== WHAT IS NEEDED ==
Set down exactly the lines from the first line of the records through the line that contains "p3 = place(p2, frame((0.0, 0.0, 138.5)))", and leave every picture out.

=== RECORDS TO USE ===

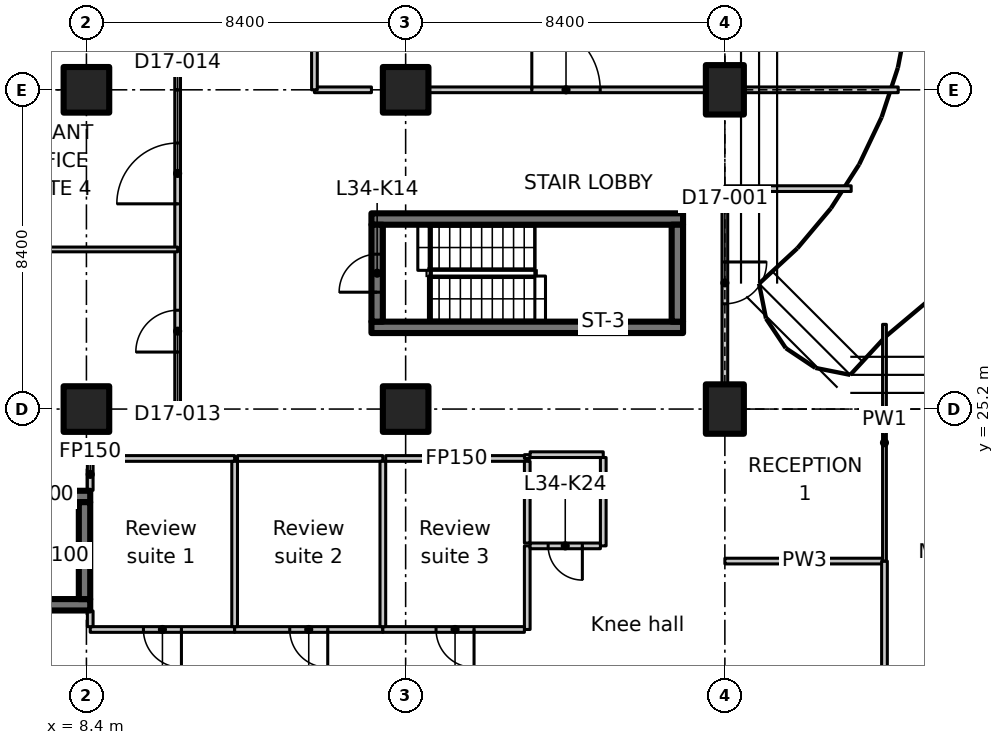
"""IFC4 building model, lengths in metres.
Left out: names, types, materials, properties, quantities, classifications, styles, units other than length and angle.
Written with IfcOpenShell. Run it as: python <this file> out.ifc"""

import sys

from ifc_helpers import new_model, si_unit, direction, frame, frame_2d, origin, origin_2d, place, context, subcontext, project, spatial, polyline, rectangle, outline, extrude, element, fill, save


model = new_model("IFC4")
c1 = context("Model", 3, precision=1e-05, world=origin(), true_north=direction((0.0, 1.0)))
c2 = subcontext(c1, "Body", "Model", "MODEL_VIEW")
j1 = project(units=[si_unit("LENGTHUNIT", "METRE"), si_unit("PLANEANGLEUNIT", "RADIAN")], contexts=[c1])
p1 = place(None, origin())
s1 = spatial("IfcSite", under=j1, at=p1, CompositionType="ELEMENT")
p2 = place(p1, origin())
s2 = spatial("IfcBuilding", under=s1, at=p2, CompositionType="ELEMENT")
p3 = place(p2, frame((0.0, 0.0, 138.5)))
s3 = spatial("IfcBuildingStorey", under=s2, at=p3, CompositionType="ELEMENT", Elevation=138.5)
for number, where, z_axis, x_axis in (
    (1, (8.4, 25.2, 0.0), (0.0, 0.0, 1.0), (1.0, 0.0, 0.0)),
    (2, (8.4, 33.6, 0.0), (0.0, 0.0, 1.0), (1.0, 0.0, 0.0)),
    (3, (16.8, 25.2, 0.0), (0.0, 0.0, 1.0), (1.0, 0.0, 0.0)),
    (4, (16.8, 33.6, 0.0), (0.0, 0.0, 1.0), (1.0, 0.0, 0.0)),
):
    element("IfcColumn", number, at=place(p3, frame(where, z_axis=z_axis, x_axis=x_axis)), inside=s3, PredefinedType="COLUMN", context=c2, shape_type="SweptSolid", body=[
        extrude(rectangle(XDim=1.2, YDim=1.2, at=origin_2d()), origin(), (0.0, 0.0, 1.0), 3.35),
    ])
for number, where, z_axis, x_axis in (
    (5, (25.2, 25.2, 0.0), (0.0, 0.0, 1.0), (1.0, 0.0, 0.0)),
    (6, (25.2, 33.6, 0.0), (0.0, 0.0, 1.0), (1.0, 0.0, 0.0)),
):
    element("IfcColumn", number, at=place(p3, frame(where, z_axis=z_axis, x_axis=x_axis)), inside=s3, PredefinedType="COLUMN", context=c2, shape_type="SweptSolid", body=[
        extrude(rectangle(XDim=1.0, YDim=1.3, at=origin_2d()), origin(), (0.0, 0.0, 1.0), 3.35),
    ])
p4 = place(p3, frame((8.5, 20.05, 0.0), z_axis=(0.0, 0.0, 1.0), x_axis=(-1.0, 0.0, 0.0)))
e7 = element("IfcWall", 7, at=p4, inside=s3, PredefinedType="SHEAR", context=c2, shape_type="SweptSolid", body=[
    extrude(rectangle(XDim=8.2, YDim=0.3, at=frame_2d((4.1, 0.0))), origin(), (0.0, 0.0, 1.0), 3.35),
])
p5 = place(p4, frame((6.8, 0.0, 0.0)))
e8 = element("IfcOpeningElement", 8, at=p5, cuts=e7, PredefinedType="OPENING", context=c2, shape_type="SweptSolid", body=[
    extrude(rectangle(XDim=1.0, YDim=2.1, at=frame_2d((0.5, 1.05))), frame((0.0, 0.16, 0.0), z_axis=(0.0, -1.0, 0.0), x_axis=(1.0, 0.0, 0.0)), (0.0, 0.0, 1.0), 0.32),
])
p6 = place(p3, frame((0.3, 22.9, 0.0), z_axis=(0.0, 0.0, 1.0), x_axis=(1.0, 0.0, 0.0)))
e9 = element("IfcWall", 9, at=p6, inside=s3, PredefinedType="SHEAR", context=c2, shape_type="SweptSolid", body=[
    extrude(rectangle(XDim=8.2, YDim=0.3, at=frame_2d((4.1, 0.0))), origin(), (0.0, 0.0, 1.0), 3.35),
])
p7 = place(p6, frame((0.4, 0.0, 0.0)))
e10 = element("IfcOpeningElement", 10, at=p7, cuts=e9, PredefinedType="OPENING", context=c2, shape_type="SweptSolid", body=[
    extrude(rectangle(XDim=1.0, YDim=2.1, at=frame_2d((0.5, 1.05))), frame((0.0, 0.16, 0.0), z_axis=(0.0, -1.0, 0.0), x_axis=(1.0, 0.0, 0.0)), (0.0, 0.0, 1.0), 0.32),
])
p8 = place(p3, frame((8.35, 20.2, 0.0), z_axis=(0.0, 0.0, 1.0), x_axis=(0.0, 1.0, 0.0)))
e11 = element("IfcWall", 11, at=p8, inside=s3, PredefinedType="SHEAR", context=c2, shape_type="SweptSolid", body=[
    extrude(rectangle(XDim=2.55, YDim=0.3, at=frame_2d((1.275, 0.0))), origin(), (0.0, 0.0, 1.0), 3.35),
])
for number, where, z_axis, x_axis in (
    (12, (15.9, 27.35, 0.0), (0.0, 0.0, 1.0), (1.0, 0.0, 0.0)),
    (13, (15.9, 30.2, 0.0), (0.0, 0.0, 1.0), (1.0, 0.0, 0.0)),
):
    element("IfcWall", number, at=place(p3, frame(where, z_axis=z_axis, x_axis=x_axis)), inside=s3, PredefinedType="SHEAR", context=c2, shape_type="SweptSolid", body=[
        extrude(rectangle(XDim=8.2, YDim=0.3, at=frame_2d((4.1, 0.0))), origin(), (0.0, 0.0, 1.0), 3.35),
    ])
p9 = place(p3, frame((16.05, 27.5, 0.0), z_axis=(0.0, 0.0, 1.0), x_axis=(0.0, 1.0, 0.0)))
e14 = element("IfcWall", 14, at=p9, inside=s3, PredefinedType="SHEAR", context=c2, shape_type="SweptSolid", body=[
    extrude(rectangle(XDim=2.55, YDim=0.3, at=frame_2d((1.275, 0.0))), origin(), (0.0, 0.0, 1.0), 3.35),
])
p10 = place(p9, frame((0.775, 0.0, 0.0)))
e15 = element("IfcOpeningElement", 15, at=p10, cuts=e14, PredefinedType="OPENING", context=c2, shape_type="SweptSolid", body=[
    extrude(rectangle(XDim=1.0, YDim=2.1, at=frame_2d((0.5, 1.05))), frame((0.0, 0.16, 0.0), z_axis=(0.0, -1.0, 0.0), x_axis=(1.0, 0.0, 0.0)), (0.0, 0.0, 1.0), 0.32),
])
p11 = place(p3, frame((23.95, 27.5, 0.0), z_axis=(0.0, 0.0, 1.0), x_axis=(0.0, 1.0, 0.0)))
e16 = element("IfcWall", 16, at=p11, inside=s3, PredefinedType="SHEAR", context=c2, shape_type="SweptSolid", body=[
    extrude(rectangle(XDim=2.55, YDim=0.3, at=frame_2d((1.275, 0.0))), origin(), (0.0, 0.0, 1.0), 3.35),
])
p12 = place(p3, frame((12.3, 19.4, 0.0), z_axis=(0.0, 0.0, 1.0), x_axis=(-1.0, 0.0, 0.0)))
e17 = element("IfcWall", 17, at=p12, inside=s3, PredefinedType="PARTITIONING", context=c2, shape_type="SweptSolid", body=[
    extrude(rectangle(XDim=3.8, YDim=0.15, at=frame_2d((1.9, 0.0))), origin(), (0.0, 0.0, 1.0), 3.35),
])
p13 = place(p12, frame((1.4, 0.0, 0.0)))
e18 = element("IfcOpeningElement", 18, at=p13, cuts=e17, PredefinedType="OPENING", context=c2, shape_type="SweptSolid", body=[
    extrude(rectangle(XDim=1.0, YDim=2.1, at=frame_2d((0.5, 1.05))), frame((0.0, 0.085, 0.0), z_axis=(0.0, -1.0, 0.0), x_axis=(1.0, 0.0, 0.0)), (0.0, 0.0, 1.0), 0.17),
])
p14 = place(p3, frame((8.5, 19.475, 0.0), z_axis=(0.0, 0.0, 1.0), x_axis=(0.0, 1.0, 0.0)))
e19 = element("IfcWall", 19, at=p14, inside=s3, PredefinedType="PARTITIONING", context=c2, shape_type="SweptSolid", body=[
    extrude(rectangle(XDim=0.413, YDim=0.15, at=frame_2d((0.207, 0.0))), origin(), (0.0, 0.0, 1.0), 3.35),
])
p15 = place(p3, frame((8.5, 23.062, 0.0), z_axis=(0.0, 0.0, 1.0), x_axis=(0.0, 1.0, 0.0)))
e20 = element("IfcWall", 20, at=p15, inside=s3, PredefinedType="PARTITIONING", context=c2, shape_type="SweptSolid", body=[
    extrude(rectangle(XDim=0.838, YDim=0.15, at=frame_2d((0.419, 0.0))), origin(), (0.0, 0.0, 1.0), 3.35),
])
p16 = place(p3, frame((8.575, 23.9, 0.0), z_axis=(0.0, 0.0, 1.0), x_axis=(1.0, 0.0, 0.0)))
e21 = element("IfcWall", 21, at=p16, inside=s3, PredefinedType="PARTITIONING", context=c2, shape_type="SweptSolid", body=[
    extrude(rectangle(XDim=3.725, YDim=0.15, at=frame_2d((1.863, 0.0))), origin(), (0.0, 0.0, 1.0), 3.35),
])
p17 = place(p3, frame((16.2, 19.4, 0.0), z_axis=(0.0, 0.0, 1.0), x_axis=(-1.0, 0.0, 0.0)))
e22 = element("IfcWall", 22, at=p17, inside=s3, PredefinedType="PARTITIONING", context=c2, shape_type="SweptSolid", body=[
    extrude(rectangle(XDim=3.9, YDim=0.15, at=frame_2d((1.95, 0.0))), origin(), (0.0, 0.0, 1.0), 3.35),
])
p18 = place(p17, frame((1.45, 0.0, 0.0)))
e23 = element("IfcOpeningElement", 23, at=p18, cuts=e22, PredefinedType="OPENING", context=c2, shape_type="SweptSolid", body=[
    extrude(rectangle(XDim=1.0, YDim=2.1, at=frame_2d((0.5, 1.05))), frame((0.0, 0.085, 0.0), z_axis=(0.0, -1.0, 0.0), x_axis=(1.0, 0.0, 0.0)), (0.0, 0.0, 1.0), 0.17),
])
p19 = place(p3, frame((12.3, 23.825, 0.0), z_axis=(0.0, 0.0, 1.0), x_axis=(0.0, -1.0, 0.0)))
e24 = element("IfcWall", 24, at=p19, inside=s3, PredefinedType="PARTITIONING", context=c2, shape_type="SweptSolid", body=[
    extrude(rectangle(XDim=4.35, YDim=0.15, at=frame_2d((2.175, 0.0))), origin(), (0.0, 0.0, 1.0), 3.35),
])
p20 = place(p3, frame((12.375, 23.9, 0.0), z_axis=(0.0, 0.0, 1.0), x_axis=(1.0, 0.0, 0.0)))
e25 = element("IfcWall", 25, at=p20, inside=s3, PredefinedType="PARTITIONING", context=c2, shape_type="SweptSolid", body=[
    extrude(rectangle(XDim=3.825, YDim=0.15, at=frame_2d((1.913, 0.0))), origin(), (0.0, 0.0, 1.0), 3.35),
])
p21 = place(p3, frame((20.0, 21.6, 0.0), z_axis=(0.0, 0.0, 1.0), x_axis=(0.0, -1.0, 0.0)))
e26 = element("IfcWall", 26, at=p21, inside=s3, PredefinedType="PARTITIONING", context=c2, shape_type="SweptSolid", body=[
    extrude(rectangle(XDim=2.2, YDim=0.15, at=frame_2d((1.1, 0.0))), origin(), (0.0, 0.0, 1.0), 3.35),
])
p22 = place(p3, frame((19.925, 19.4, 0.0), z_axis=(0.0, 0.0, 1.0), x_axis=(-1.0, 0.0, 0.0)))
e27 = element("IfcWall", 27, at=p22, inside=s3, PredefinedType="PARTITIONING", context=c2, shape_type="SweptSolid", body=[
    extrude(rectangle(XDim=3.725, YDim=0.15, at=frame_2d((1.863, 0.0))), origin(), (0.0, 0.0, 1.0), 3.35),
])
p23 = place(p22, frame((1.325, 0.0, 0.0)))
e28 = element("IfcOpeningElement", 28, at=p23, cuts=e27, PredefinedType="OPENING", context=c2, shape_type="SweptSolid", body=[
    extrude(rectangle(XDim=1.0, YDim=2.1, at=frame_2d((0.5, 1.05))), frame((0.0, 0.085, 0.0), z_axis=(0.0, -1.0, 0.0), x_axis=(1.0, 0.0, 0.0)), (0.0, 0.0, 1.0), 0.17),
])
p24 = place(p3, frame((16.2, 23.825, 0.0), z_axis=(0.0, 0.0, 1.0), x_axis=(0.0, -1.0, 0.0)))
e29 = element("IfcWall", 29, at=p24, inside=s3, PredefinedType="PARTITIONING", context=c2, shape_type="SweptSolid", body=[
    extrude(rectangle(XDim=4.35, YDim=0.15, at=frame_2d((2.175, 0.0))), origin(), (0.0, 0.0, 1.0), 3.35),
])
p25 = place(p3, frame((16.275, 23.9, 0.0), z_axis=(0.0, 0.0, 1.0), x_axis=(1.0, 0.0, 0.0)))
e30 = element("IfcWall", 30, at=p25, inside=s3, PredefinedType="PARTITIONING", context=c2, shape_type="SweptSolid", body=[
    extrude(rectangle(XDim=3.725, YDim=0.15, at=frame_2d((1.863, 0.0))), origin(), (0.0, 0.0, 1.0), 3.35),
])
p26 = place(p3, frame((20.0, 23.9, 0.0), z_axis=(0.0, 0.0, 1.0), x_axis=(0.0, 1.0, 0.0)))
e31 = element("IfcWall", 31, at=p26, inside=s3, PredefinedType="PARTITIONING", context=c2, shape_type="SweptSolid", body=[
    extrude(rectangle(XDim=0.1, YDim=0.15, at=frame_2d((0.05, 0.0))), origin(), (0.0, 0.0, 1.0), 3.35),
])
p27 = place(p3, frame((20.075, 24.0, 0.0), z_axis=(0.0, 0.0, 1.0), x_axis=(1.0, 0.0, 0.0)))
e32 = element("IfcWall", 32, at=p27, inside=s3, PredefinedType="PARTITIONING", context=c2, shape_type="SweptSolid", body=[
    extrude(rectangle(XDim=1.925, YDim=0.15, at=frame_2d((0.962, 0.0))), origin(), (0.0, 0.0, 1.0), 3.35),
])
p28 = place(p3, frame((22.0, 23.925, 0.0), z_axis=(0.0, 0.0, 1.0), x_axis=(0.0, -1.0, 0.0)))
e33 = element("IfcWall", 33, at=p28, inside=s3, PredefinedType="PARTITIONING", context=c2, shape_type="SweptSolid", body=[
    extrude(rectangle(XDim=2.325, YDim=0.15, at=frame_2d((1.163, 0.0))), origin(), (0.0, 0.0, 1.0), 3.35),
])
p29 = place(p3, frame((21.925, 21.6, 0.0), z_axis=(0.0, 0.0, 1.0), x_axis=(-1.0, 0.0, 0.0)))
e34 = element("IfcWall", 34, at=p29, inside=s3, PredefinedType="PARTITIONING", context=c2, shape_type="SweptSolid", body=[
    extrude(rectangle(XDim=1.85, YDim=0.15, at=frame_2d((0.925, 0.0))), origin(), (0.0, 0.0, 1.0), 3.35),
])
p30 = place(p29, frame((0.475, 0.0, 0.0)))
e35 = element("IfcOpeningElement", 35, at=p30, cuts=e34, PredefinedType="OPENING", context=c2, shape_type="SweptSolid", body=[
    extrude(rectangle(XDim=0.9, YDim=2.1, at=frame_2d((0.45, 1.05))), frame((0.0, 0.085, 0.0), z_axis=(0.0, -1.0, 0.0), x_axis=(1.0, 0.0, 0.0)), (0.0, 0.0, 1.0), 0.17),
])
p31 = place(p3, frame((20.0, 21.675, 0.0), z_axis=(0.0, 0.0, 1.0), x_axis=(0.0, 1.0, 0.0)))
e36 = element("IfcWall", 36, at=p31, inside=s3, PredefinedType="PARTITIONING", context=c2, shape_type="SweptSolid", body=[
    extrude(rectangle(XDim=2.15, YDim=0.15, at=frame_2d((1.075, 0.0))), origin(), (0.0, 0.0, 1.0), 3.35),
])
p32 = place(p3, frame((25.2, 21.2, 0.0), z_axis=(0.0, 0.0, 1.0), x_axis=(1.0, 0.0, 0.0)))
e37 = element("IfcWall", 37, at=p32, inside=s3, PredefinedType="PARTITIONING", context=c2, shape_type="SweptSolid", body=[
    extrude(rectangle(XDim=4.2, YDim=0.15, at=frame_2d((2.1, 0.0))), origin(), (0.0, 0.0, 1.0), 3.33),
])
p33 = place(p3, frame((29.4, 21.2, 0.0), z_axis=(0.0, 0.0, 1.0), x_axis=(0.0, -1.0, 0.0)))
e38 = element("IfcWall", 38, at=p33, inside=s3, PredefinedType="PARTITIONING", context=c2, shape_type="SweptSolid", body=[
    extrude(rectangle(XDim=8.2, YDim=0.15, at=frame_2d((4.1, 0.0))), origin(), (0.0, 0.0, 1.0), 3.33),
])
p34 = place(p33, frame((3.3, 0.0, 0.0)))
e39 = element("IfcOpeningElement", 39, at=p34, cuts=e38, PredefinedType="OPENING", context=c2, shape_type="SweptSolid", body=[
    extrude(rectangle(XDim=1.6, YDim=2.1, at=frame_2d((0.8, 1.05))), frame((0.0, 0.085, 0.0), z_axis=(0.0, -1.0, 0.0), x_axis=(1.0, 0.0, 0.0)), (0.0, 0.0, 1.0), 0.17),
])
p35 = place(p3, frame((29.4, 27.429, 0.0), z_axis=(0.0, 0.0, 1.0), x_axis=(0.0, -1.0, 0.0)))
e40 = element("IfcWall", 40, at=p35, inside=s3, PredefinedType="PARTITIONING", context=c2, shape_type="SweptSolid", body=[
    extrude(outline(polyline([(0.0, 0.0), (6.229, 0.0), (6.229, 3.33), (2.679, 3.33), (2.677, 2.98), (1.781, 2.98), (1.779, 3.33), (0.154, 3.33), (0.0, 3.33), (0.0, 0.0)])), frame((0.0, 0.05, 0.0), z_axis=(0.0, -1.0, 0.0), x_axis=(1.0, 0.0, 0.0)), (0.0, 0.0, 1.0), 0.1),
])
p36 = place(p3, frame((25.2, 31.0, 0.0), z_axis=(0.0, 0.0, 1.0), x_axis=(0.0, -1.0, 0.0)))
e41 = element("IfcWall", 41, at=p36, inside=s3, PredefinedType="PARTITIONING", context=c2, shape_type="SweptSolid", body=[
    extrude(outline(polyline([(0.0, 0.0), (5.13, 0.0), (5.13, 2.98), (0.0, 2.98), (0.0, 0.0)])), frame((0.0, 0.075, 0.0), z_axis=(0.0, -1.0, 0.0), x_axis=(1.0, 0.0, 0.0)), (0.0, 0.0, 1.0), 0.15),
])
p37 = place(p36, frame((1.93, 0.0, 0.0)))
e42 = element("IfcOpeningElement", 42, at=p37, cuts=e41, PredefinedType="OPENING", context=c2, shape_type="SweptSolid", body=[
    extrude(rectangle(XDim=1.1, YDim=2.1, at=frame_2d((0.55, 1.05))), frame((0.0, 0.085, 0.0), z_axis=(0.0, -1.0, 0.0), x_axis=(1.0, 0.0, 0.0)), (0.0, 0.0, 1.0), 0.17),
])
p38 = place(p3, frame((25.2, 31.0, 0.0), z_axis=(0.0, 0.0, 1.0), x_axis=(1.0, 0.0, 0.0)))
e43 = element("IfcWall", 43, at=p38, inside=s3, PredefinedType="PARTITIONING", context=c2, shape_type="SweptSolid", body=[
    extrude(rectangle(XDim=3.324, YDim=0.15, at=frame_2d((1.662, 0.0))), origin(), (0.0, 0.0, 1.0), 2.98),
])
p39 = place(p3, frame((10.8, 25.2, 0.0), z_axis=(0.0, 0.0, 1.0), x_axis=(0.0, 1.0, 0.0)))
e44 = element("IfcWall", 44, at=p39, inside=s3, PredefinedType="PARTITIONING", context=c2, shape_type="SweptSolid", body=[
    extrude(rectangle(XDim=4.2, YDim=0.15, at=frame_2d((2.1, 0.0))), origin(), (0.0, 0.0, 1.0), 3.33),
])
p40 = place(p39, frame((1.5, 0.0, 0.0)))
e45 = element("IfcOpeningElement", 45, at=p40, cuts=e44, PredefinedType="OPENING", context=c2, shape_type="SweptSolid", body=[
    extrude(rectangle(XDim=1.1, YDim=2.1, at=frame_2d((0.55, 1.05))), frame((0.0, 0.085, 0.0), z_axis=(0.0, -1.0, 0.0), x_axis=(1.0, 0.0, 0.0)), (0.0, 0.0, 1.0), 0.17),
])
p41 = place(p3, frame((10.8, 29.4, 0.0), z_axis=(0.0, 0.0, 1.0), x_axis=(0.0, 1.0, 0.0)))
e46 = element("IfcWall", 46, at=p41, inside=s3, PredefinedType="PARTITIONING", context=c2, shape_type="SweptSolid", body=[
    extrude(rectangle(XDim=4.2, YDim=0.15, at=frame_2d((2.1, 0.0))), origin(), (0.0, 0.0, 1.0), 3.33),
])
p42 = place(p41, frame((1.2, 0.0, 0.0)))
e47 = element("IfcOpeningElement", 47, at=p42, cuts=e46, PredefinedType="OPENING", context=c2, shape_type="SweptSolid", body=[
    extrude(rectangle(XDim=1.6, YDim=2.1, at=frame_2d((0.8, 1.05))), frame((0.0, 0.085, 0.0), z_axis=(0.0, -1.0, 0.0), x_axis=(1.0, 0.0, 0.0)), (0.0, 0.0, 1.0), 0.17),
])
p43 = place(p3, frame((14.4, 33.6, 0.0), z_axis=(0.0, 0.0, 1.0), x_axis=(1.0, 0.0, 0.0)))
e48 = element("IfcWall", 48, at=p43, inside=s3, PredefinedType="PARTITIONING", context=c2, shape_type="SweptSolid", body=[
    extrude(rectangle(XDim=1.5, YDim=0.15, at=frame_2d((0.75, 0.0))), origin(), (0.0, 0.0, 1.0), 3.33),
])
p44 = place(p3, frame((17.42, 33.6, 0.0), z_axis=(0.0, 0.0, 1.0), x_axis=(1.0, 0.0, 0.0)))
e49 = element("IfcWall", 49, at=p44, inside=s3, PredefinedType="PARTITIONING", context=c2, shape_type="SweptSolid", body=[
    extrude(rectangle(XDim=7.26, YDim=0.15, at=frame_2d((3.63, 0.0))), origin(), (0.0, 0.0, 1.0), 3.33),
])
p45 = place(p44, frame((2.7, 0.0, 0.0)))
e50 = element("IfcOpeningElement", 50, at=p45, cuts=e49, PredefinedType="OPENING", context=c2, shape_type="SweptSolid", body=[
    extrude(rectangle(XDim=1.8, YDim=2.1, at=frame_2d((0.9, 1.05))), frame((0.0, 0.085, 0.0), z_axis=(0.0, -1.0, 0.0), x_axis=(1.0, 0.0, 0.0)), (0.0, 0.0, 1.0), 0.17),
])
p46 = place(p3, frame((25.72, 33.6, 0.0), z_axis=(0.0, 0.0, 1.0), x_axis=(1.0, 0.0, 0.0)))
e51 = element("IfcWall", 51, at=p46, inside=s3, PredefinedType="PARTITIONING", context=c2, shape_type="SweptSolid", body=[
    extrude(rectangle(XDim=4.042, YDim=0.15, at=frame_2d((2.021, 0.0))), origin(), (0.0, 0.0, 1.0), 2.98),
])
p47 = place(p3, frame((10.8, 33.6, 0.0), z_axis=(0.0, 0.0, 1.0), x_axis=(0.0, 1.0, 0.0)))
e52 = element("IfcWall", 52, at=p47, inside=s3, PredefinedType="PARTITIONING", context=c2, shape_type="SweptSolid", body=[
    extrude(rectangle(XDim=4.2, YDim=0.15, at=frame_2d((2.1, 0.0))), origin(), (0.0, 0.0, 1.0), 3.33),
])
p48 = place(p3, frame((14.4, 42.0, 0.0), z_axis=(0.0, 0.0, 1.0), x_axis=(0.0, -1.0, 0.0)))
e53 = element("IfcWall", 53, at=p48, inside=s3, PredefinedType="PARTITIONING", context=c2, shape_type="SweptSolid", body=[
    extrude(rectangle(XDim=8.4, YDim=0.15, at=frame_2d((4.2, 0.0))), origin(), (0.0, 0.0, 1.0), 3.33),
])
p49 = place(p3, frame((-1.609, 29.4, 0.0), z_axis=(0.0, 0.0, 1.0), x_axis=(1.0, 0.0, 0.0)))
e54 = element("IfcWall", 54, at=p49, inside=s3, PredefinedType="PARTITIONING", context=c2, shape_type="SweptSolid", body=[
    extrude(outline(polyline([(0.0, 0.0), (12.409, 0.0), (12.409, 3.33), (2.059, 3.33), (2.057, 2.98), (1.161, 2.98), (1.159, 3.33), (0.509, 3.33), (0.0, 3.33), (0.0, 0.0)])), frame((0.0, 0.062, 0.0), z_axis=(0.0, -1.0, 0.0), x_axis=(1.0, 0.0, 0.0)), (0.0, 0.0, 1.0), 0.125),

===

== RESPONSE TO THIS EXERCISE ==
"""IFC4 building model, lengths in metres.
Left out: names, types, materials, properties, quantities, classifications, styles, units other than length and angle.
Written with IfcOpenShell. Run it as: python <this file> out.ifc"""

import sys

from ifc_helpers import new_model, si_unit, direction, frame, frame_2d, origin, origin_2d, place, context, subcontext, project, spatial, polyline, rectangle, outline, extrude, element, fill, save


model = new_model("IFC4")
c1 = context("Model", 3, precision=1e-05, world=origin(), true_north=direction((0.0, 1.0)))
c2 = subcontext(c1, "Body", "Model", "MODEL_VIEW")
j1 = project(units=[si_unit("LENGTHUNIT", "METRE"), si_unit("PLANEANGLEUNIT", "RADIAN")], contexts=[c1])
p1 = place(None, origin())
s1 = spatial("IfcSite", under=j1, at=p1, CompositionType="ELEMENT")
p2 = place(p1, origin())
s2 = spatial("IfcBuilding", under=s1, at=p2, CompositionType="ELEMENT")
p3 = place(p2, frame((0.0, 0.0, 138.5)))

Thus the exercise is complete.